[Start of section]

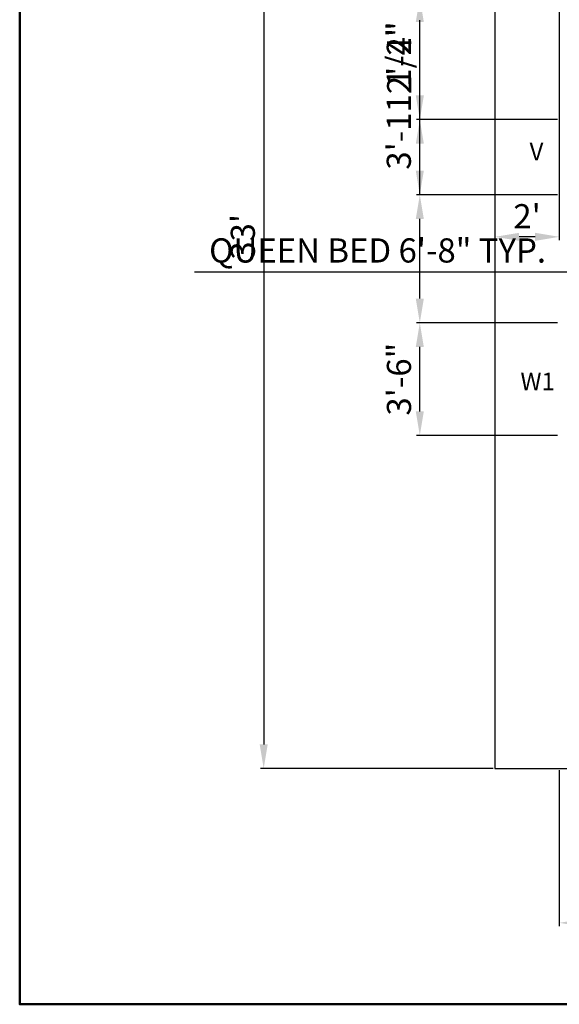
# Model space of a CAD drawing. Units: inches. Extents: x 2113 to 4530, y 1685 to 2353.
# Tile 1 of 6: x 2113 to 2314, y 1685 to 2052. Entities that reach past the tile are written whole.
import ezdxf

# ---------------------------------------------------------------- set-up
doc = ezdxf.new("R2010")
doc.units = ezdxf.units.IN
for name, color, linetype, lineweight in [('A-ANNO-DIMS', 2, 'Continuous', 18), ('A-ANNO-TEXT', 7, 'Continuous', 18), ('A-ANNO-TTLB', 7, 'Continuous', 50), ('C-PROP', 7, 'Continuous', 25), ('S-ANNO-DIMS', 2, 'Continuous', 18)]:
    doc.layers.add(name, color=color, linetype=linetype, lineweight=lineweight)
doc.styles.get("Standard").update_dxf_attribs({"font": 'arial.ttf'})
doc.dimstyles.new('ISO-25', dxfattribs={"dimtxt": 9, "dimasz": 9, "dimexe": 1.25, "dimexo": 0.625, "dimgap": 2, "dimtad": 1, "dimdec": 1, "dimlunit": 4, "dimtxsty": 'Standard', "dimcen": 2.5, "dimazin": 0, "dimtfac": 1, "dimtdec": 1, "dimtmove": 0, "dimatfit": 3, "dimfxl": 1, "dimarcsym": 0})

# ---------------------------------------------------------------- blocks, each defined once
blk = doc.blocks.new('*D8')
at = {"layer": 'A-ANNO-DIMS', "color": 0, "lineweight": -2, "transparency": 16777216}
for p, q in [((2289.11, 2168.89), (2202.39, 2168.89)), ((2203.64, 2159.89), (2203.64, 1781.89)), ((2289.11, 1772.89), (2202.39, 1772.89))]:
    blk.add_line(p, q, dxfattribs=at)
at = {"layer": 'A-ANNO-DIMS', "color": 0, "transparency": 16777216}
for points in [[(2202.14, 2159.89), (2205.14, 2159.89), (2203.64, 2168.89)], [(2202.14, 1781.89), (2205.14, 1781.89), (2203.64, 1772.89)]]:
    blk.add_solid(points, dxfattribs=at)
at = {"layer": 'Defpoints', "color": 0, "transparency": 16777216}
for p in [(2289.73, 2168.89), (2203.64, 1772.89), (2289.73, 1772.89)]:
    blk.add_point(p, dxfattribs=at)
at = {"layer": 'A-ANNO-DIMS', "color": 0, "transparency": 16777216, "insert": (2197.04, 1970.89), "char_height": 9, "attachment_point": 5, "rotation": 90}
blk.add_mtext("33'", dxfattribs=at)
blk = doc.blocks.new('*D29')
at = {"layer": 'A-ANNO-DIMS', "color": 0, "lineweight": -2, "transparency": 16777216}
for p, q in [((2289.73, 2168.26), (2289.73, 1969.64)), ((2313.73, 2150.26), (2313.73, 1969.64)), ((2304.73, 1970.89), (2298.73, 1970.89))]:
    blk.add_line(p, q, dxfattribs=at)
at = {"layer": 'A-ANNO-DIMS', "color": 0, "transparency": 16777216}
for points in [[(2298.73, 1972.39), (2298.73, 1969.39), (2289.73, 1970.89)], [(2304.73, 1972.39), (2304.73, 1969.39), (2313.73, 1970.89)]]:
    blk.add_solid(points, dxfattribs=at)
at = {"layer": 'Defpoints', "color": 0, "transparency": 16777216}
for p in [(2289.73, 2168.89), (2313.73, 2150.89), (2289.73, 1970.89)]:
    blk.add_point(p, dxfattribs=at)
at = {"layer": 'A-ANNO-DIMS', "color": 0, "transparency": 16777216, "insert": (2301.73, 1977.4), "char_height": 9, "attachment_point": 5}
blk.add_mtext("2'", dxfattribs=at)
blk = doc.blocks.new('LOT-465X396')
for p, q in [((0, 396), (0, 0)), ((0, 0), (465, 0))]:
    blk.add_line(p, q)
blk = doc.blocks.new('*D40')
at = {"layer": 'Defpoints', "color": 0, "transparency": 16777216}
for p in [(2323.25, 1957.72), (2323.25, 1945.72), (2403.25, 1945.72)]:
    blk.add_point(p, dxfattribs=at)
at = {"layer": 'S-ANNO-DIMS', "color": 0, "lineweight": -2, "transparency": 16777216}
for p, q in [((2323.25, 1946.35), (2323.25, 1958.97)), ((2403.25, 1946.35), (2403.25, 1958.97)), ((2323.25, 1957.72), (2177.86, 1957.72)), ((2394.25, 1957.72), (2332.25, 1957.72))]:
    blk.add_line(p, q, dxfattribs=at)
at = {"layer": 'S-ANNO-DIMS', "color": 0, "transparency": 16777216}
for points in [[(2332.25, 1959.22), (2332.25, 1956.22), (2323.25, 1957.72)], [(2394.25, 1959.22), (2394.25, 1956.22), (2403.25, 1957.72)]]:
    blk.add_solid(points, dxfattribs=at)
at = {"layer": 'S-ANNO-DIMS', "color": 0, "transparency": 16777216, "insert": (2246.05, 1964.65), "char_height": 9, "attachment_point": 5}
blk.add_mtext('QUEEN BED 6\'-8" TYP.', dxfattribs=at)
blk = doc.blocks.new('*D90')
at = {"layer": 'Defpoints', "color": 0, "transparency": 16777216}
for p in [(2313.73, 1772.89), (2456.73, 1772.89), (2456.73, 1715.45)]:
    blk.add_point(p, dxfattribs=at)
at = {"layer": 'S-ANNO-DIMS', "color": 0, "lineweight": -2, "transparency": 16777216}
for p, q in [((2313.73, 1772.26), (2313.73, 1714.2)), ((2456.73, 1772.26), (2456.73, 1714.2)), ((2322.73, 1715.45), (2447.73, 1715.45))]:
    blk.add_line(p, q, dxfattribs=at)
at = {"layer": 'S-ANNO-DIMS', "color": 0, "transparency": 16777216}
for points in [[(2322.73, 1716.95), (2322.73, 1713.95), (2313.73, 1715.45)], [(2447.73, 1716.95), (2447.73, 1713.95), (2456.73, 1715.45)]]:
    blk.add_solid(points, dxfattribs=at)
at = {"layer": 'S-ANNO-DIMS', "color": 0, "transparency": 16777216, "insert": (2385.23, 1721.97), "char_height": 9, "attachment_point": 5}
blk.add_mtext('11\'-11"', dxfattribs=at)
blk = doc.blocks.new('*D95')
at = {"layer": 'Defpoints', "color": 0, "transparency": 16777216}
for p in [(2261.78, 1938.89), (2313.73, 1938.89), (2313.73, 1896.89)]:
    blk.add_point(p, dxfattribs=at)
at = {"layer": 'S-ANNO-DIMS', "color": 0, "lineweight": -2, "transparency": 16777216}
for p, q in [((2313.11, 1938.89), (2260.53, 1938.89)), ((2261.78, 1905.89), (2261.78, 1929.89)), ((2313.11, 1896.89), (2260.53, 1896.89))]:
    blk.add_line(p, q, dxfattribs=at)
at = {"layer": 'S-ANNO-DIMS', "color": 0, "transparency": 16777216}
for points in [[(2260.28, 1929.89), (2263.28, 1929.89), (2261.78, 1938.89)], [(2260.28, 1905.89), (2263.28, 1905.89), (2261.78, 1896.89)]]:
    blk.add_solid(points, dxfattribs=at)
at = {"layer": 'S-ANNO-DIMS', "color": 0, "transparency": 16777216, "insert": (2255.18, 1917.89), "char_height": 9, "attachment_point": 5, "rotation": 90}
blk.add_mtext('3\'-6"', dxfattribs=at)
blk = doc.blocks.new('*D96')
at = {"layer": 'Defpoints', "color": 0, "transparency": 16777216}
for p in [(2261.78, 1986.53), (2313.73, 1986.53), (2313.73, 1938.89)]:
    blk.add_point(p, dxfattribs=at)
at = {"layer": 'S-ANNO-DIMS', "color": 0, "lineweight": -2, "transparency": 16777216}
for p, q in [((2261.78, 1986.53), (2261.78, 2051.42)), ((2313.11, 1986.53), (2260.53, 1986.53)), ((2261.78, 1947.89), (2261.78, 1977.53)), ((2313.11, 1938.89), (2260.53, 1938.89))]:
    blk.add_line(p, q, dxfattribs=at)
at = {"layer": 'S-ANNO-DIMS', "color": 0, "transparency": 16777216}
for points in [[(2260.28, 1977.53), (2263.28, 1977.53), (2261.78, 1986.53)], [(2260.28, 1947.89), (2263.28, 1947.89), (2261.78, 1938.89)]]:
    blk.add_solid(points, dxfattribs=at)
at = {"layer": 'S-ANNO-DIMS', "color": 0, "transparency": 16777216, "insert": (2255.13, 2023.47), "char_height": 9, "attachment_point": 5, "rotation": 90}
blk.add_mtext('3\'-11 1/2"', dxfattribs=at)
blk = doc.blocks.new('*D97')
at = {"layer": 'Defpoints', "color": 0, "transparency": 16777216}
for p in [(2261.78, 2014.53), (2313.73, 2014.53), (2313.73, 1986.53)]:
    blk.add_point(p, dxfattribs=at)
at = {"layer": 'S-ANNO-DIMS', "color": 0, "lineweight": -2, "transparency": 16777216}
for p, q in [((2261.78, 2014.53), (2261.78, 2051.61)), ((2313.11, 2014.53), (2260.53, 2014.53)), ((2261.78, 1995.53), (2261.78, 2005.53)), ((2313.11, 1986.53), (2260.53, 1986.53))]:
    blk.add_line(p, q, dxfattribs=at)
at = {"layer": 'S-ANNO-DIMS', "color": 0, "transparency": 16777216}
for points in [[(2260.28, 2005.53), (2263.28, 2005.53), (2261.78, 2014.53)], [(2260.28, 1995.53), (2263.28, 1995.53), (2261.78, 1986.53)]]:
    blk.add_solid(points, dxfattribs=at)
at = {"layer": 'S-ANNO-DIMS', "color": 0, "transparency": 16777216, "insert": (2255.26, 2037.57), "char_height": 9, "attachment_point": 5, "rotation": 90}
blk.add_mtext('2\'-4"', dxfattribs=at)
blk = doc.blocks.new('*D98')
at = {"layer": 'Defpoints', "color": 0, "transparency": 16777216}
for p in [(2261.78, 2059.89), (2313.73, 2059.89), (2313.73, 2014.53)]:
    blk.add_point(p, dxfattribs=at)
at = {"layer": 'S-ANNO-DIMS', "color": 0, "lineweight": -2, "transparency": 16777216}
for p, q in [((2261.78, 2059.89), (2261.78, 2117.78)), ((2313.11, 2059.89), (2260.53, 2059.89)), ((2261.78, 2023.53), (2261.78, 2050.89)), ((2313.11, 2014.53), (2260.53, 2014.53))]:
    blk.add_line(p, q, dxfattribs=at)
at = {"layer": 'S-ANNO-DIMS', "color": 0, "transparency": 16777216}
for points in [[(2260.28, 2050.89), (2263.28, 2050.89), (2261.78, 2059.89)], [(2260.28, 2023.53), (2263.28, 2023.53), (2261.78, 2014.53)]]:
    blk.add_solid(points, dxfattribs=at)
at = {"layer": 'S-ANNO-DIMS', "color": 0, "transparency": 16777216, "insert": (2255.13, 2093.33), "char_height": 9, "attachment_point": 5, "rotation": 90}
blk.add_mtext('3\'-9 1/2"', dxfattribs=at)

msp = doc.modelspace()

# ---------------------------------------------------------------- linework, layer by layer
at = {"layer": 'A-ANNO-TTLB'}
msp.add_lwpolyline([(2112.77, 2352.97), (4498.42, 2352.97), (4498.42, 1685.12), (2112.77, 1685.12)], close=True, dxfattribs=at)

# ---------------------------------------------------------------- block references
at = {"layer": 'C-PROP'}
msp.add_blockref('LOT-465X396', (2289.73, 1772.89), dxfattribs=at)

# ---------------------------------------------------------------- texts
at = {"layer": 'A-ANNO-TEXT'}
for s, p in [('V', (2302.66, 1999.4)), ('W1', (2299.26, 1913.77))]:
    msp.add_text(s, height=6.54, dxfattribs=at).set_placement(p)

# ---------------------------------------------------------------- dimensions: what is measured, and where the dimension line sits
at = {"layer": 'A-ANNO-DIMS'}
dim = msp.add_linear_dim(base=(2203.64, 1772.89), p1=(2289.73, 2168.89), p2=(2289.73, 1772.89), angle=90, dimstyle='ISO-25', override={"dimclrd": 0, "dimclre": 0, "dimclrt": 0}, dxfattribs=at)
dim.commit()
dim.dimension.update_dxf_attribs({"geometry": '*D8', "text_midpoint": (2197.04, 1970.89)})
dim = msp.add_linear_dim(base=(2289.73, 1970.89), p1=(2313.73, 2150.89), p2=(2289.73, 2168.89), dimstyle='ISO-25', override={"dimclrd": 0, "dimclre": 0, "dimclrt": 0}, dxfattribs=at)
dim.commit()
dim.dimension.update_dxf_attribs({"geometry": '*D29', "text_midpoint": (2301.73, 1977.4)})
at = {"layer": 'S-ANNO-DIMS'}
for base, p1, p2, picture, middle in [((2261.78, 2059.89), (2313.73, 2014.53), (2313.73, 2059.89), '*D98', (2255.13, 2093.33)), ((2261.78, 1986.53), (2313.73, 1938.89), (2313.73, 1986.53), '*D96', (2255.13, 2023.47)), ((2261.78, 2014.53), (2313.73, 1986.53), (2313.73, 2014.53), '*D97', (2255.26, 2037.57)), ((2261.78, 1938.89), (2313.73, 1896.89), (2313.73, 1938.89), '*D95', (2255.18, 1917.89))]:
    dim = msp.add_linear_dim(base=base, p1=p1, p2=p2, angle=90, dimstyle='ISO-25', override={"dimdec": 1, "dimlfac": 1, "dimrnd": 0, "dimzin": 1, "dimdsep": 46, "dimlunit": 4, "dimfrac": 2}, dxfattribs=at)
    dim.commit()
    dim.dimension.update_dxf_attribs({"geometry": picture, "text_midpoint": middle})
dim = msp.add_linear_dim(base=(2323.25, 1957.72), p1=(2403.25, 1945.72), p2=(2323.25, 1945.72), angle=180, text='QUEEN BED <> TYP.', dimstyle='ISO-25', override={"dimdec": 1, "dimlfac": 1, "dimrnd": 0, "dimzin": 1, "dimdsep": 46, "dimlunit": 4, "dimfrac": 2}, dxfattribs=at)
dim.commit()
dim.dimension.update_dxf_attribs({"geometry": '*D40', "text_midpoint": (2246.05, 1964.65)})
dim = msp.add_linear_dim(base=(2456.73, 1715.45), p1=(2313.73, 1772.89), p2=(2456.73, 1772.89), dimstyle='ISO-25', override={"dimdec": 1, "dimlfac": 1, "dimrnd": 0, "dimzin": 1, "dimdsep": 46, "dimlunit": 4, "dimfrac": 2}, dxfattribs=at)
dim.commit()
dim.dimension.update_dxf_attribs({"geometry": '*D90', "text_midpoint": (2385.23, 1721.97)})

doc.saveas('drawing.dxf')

[End of section]

__Your goal__: An exact copy of the lines above between the line holding "layer by layer" and the line holding "1685.12)], close=True, dxfattribs=at)", inclusive, is the whole answer.

__Written answer__:
# ---------------------------------------------------------------- linework, layer by layer
at = {"layer": 'A-ANNO-TTLB'}
msp.add_lwpolyline([(2112.77, 2352.97), (4498.42, 2352.97), (4498.42, 1685.12), (2112.77, 1685.12)], close=True, dxfattribs=at)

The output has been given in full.